[Data excerpts]
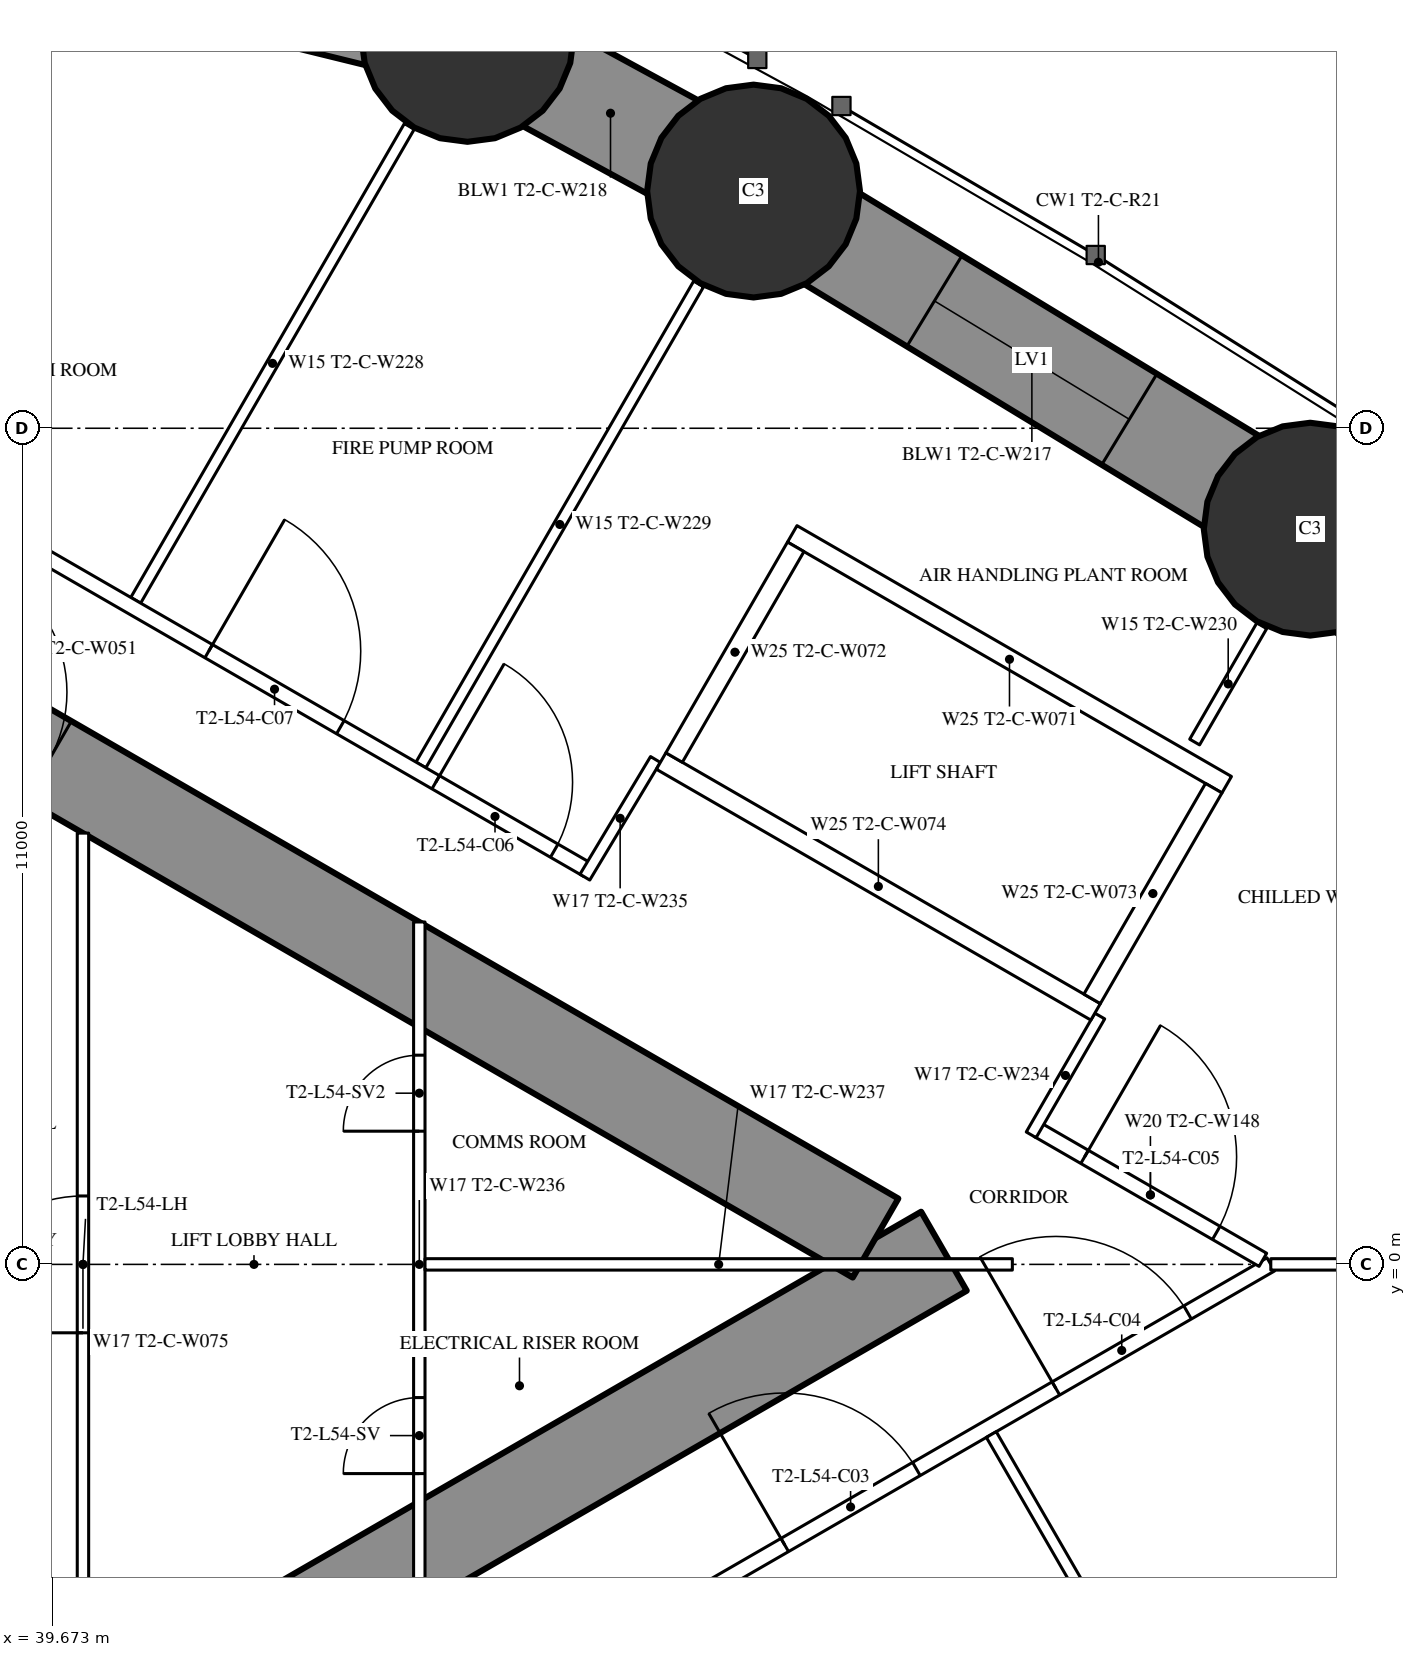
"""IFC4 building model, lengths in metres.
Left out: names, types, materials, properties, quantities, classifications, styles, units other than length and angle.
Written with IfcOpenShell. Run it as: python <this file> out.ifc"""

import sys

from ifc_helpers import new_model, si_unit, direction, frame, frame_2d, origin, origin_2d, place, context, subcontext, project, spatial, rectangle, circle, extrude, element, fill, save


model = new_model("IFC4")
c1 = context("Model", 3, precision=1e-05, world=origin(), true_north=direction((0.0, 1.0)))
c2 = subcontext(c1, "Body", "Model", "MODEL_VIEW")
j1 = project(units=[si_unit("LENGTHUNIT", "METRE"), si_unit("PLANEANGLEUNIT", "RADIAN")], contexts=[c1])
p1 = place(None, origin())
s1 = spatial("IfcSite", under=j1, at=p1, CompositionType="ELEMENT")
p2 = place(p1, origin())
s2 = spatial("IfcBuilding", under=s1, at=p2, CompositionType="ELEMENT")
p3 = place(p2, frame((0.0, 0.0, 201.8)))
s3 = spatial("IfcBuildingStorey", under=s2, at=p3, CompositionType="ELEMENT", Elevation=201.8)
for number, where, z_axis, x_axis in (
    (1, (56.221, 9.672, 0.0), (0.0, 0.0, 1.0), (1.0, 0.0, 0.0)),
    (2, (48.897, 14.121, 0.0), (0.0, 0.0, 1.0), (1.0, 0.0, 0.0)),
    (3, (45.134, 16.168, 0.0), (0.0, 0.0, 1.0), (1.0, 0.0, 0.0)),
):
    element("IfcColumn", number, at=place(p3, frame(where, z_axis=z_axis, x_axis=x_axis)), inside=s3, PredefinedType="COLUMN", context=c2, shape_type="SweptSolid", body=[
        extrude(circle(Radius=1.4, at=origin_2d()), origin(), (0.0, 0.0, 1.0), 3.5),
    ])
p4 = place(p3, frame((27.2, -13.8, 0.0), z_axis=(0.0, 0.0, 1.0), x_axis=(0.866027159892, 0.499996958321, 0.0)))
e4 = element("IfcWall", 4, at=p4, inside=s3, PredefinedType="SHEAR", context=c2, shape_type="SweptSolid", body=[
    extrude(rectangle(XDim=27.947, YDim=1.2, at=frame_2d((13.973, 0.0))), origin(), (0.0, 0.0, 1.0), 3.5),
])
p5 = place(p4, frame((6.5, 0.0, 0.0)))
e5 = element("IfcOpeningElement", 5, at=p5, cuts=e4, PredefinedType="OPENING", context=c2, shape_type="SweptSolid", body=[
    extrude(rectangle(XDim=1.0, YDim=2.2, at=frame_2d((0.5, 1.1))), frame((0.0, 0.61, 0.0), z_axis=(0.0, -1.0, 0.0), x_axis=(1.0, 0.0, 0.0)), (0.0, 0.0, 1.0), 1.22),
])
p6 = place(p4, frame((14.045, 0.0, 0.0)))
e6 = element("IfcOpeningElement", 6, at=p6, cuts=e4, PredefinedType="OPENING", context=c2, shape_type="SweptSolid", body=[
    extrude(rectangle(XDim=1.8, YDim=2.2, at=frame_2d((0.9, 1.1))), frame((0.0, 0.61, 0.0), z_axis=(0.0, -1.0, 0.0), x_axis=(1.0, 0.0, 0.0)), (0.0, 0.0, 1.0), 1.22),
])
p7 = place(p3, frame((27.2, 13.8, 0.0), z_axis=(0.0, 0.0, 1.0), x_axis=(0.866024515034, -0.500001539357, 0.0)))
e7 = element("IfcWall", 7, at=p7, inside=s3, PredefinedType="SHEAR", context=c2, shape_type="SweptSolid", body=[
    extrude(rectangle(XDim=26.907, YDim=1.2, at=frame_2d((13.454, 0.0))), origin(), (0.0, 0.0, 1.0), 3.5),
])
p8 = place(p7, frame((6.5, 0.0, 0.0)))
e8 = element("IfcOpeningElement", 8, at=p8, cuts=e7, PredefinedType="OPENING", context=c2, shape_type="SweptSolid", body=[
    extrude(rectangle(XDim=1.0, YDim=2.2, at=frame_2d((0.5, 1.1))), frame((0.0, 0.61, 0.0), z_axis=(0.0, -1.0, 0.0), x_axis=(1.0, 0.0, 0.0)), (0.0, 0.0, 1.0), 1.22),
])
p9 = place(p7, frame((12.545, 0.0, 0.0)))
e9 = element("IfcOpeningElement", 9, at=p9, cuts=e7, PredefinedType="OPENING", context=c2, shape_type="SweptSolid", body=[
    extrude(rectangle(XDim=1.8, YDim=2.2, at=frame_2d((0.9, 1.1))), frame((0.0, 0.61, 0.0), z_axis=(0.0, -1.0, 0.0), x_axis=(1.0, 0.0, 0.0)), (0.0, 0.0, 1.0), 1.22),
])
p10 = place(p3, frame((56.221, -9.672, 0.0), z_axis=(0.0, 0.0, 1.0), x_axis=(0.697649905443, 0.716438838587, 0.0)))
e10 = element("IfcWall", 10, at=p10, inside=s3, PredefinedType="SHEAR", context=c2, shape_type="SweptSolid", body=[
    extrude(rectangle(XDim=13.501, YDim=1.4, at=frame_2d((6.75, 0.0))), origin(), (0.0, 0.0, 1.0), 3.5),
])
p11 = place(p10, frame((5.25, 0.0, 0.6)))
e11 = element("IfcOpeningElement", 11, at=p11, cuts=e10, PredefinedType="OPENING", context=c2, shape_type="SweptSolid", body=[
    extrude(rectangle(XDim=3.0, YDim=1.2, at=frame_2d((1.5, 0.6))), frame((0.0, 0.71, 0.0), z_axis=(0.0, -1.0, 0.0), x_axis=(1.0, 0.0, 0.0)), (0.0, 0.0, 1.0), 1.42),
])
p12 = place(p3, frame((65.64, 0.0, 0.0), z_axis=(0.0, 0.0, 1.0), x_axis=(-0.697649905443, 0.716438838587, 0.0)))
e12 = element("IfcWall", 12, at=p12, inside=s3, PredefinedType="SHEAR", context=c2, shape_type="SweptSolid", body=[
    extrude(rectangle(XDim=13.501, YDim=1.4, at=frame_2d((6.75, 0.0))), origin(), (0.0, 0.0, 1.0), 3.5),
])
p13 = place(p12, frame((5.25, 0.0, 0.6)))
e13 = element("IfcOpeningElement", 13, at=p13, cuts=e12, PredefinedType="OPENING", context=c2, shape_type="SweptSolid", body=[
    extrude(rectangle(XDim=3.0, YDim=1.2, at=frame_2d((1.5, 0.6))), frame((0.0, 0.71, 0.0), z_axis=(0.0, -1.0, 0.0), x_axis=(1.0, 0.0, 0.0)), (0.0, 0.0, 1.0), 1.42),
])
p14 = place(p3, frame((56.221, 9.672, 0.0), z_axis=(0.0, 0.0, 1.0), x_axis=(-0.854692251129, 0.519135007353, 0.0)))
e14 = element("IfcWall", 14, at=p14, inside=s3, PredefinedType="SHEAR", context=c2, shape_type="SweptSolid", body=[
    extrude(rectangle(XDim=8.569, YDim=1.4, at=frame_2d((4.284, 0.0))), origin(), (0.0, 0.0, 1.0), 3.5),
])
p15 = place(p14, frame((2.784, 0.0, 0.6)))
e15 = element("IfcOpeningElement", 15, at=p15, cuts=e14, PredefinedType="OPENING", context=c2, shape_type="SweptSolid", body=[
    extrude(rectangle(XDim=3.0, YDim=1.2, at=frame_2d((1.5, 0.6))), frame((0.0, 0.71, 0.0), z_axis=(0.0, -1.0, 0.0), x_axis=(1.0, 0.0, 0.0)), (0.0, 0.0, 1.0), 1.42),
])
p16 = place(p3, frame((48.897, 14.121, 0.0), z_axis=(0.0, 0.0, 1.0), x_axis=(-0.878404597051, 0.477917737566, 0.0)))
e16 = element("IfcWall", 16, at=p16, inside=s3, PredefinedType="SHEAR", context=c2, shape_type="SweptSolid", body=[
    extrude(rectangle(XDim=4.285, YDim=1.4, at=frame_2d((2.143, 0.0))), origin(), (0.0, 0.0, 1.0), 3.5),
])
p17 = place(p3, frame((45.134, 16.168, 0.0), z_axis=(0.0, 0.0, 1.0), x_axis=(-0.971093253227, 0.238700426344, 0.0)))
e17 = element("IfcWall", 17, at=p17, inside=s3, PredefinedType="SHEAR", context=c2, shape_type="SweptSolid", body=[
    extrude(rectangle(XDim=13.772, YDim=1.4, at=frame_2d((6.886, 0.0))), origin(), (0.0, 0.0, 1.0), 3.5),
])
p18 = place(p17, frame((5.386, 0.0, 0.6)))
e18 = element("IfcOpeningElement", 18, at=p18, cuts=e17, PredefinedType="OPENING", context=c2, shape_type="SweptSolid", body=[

◆ **What you should do**
Which lines of the entries above contain the word "where"? Copy each of them.

◆ **Completed exercise**
for number, where, z_axis, x_axis in (
    element("IfcColumn", number, at=place(p3, frame(where, z_axis=z_axis, x_axis=x_axis)), inside=s3, PredefinedType="COLUMN", context=c2, shape_type="SweptSolid", body=[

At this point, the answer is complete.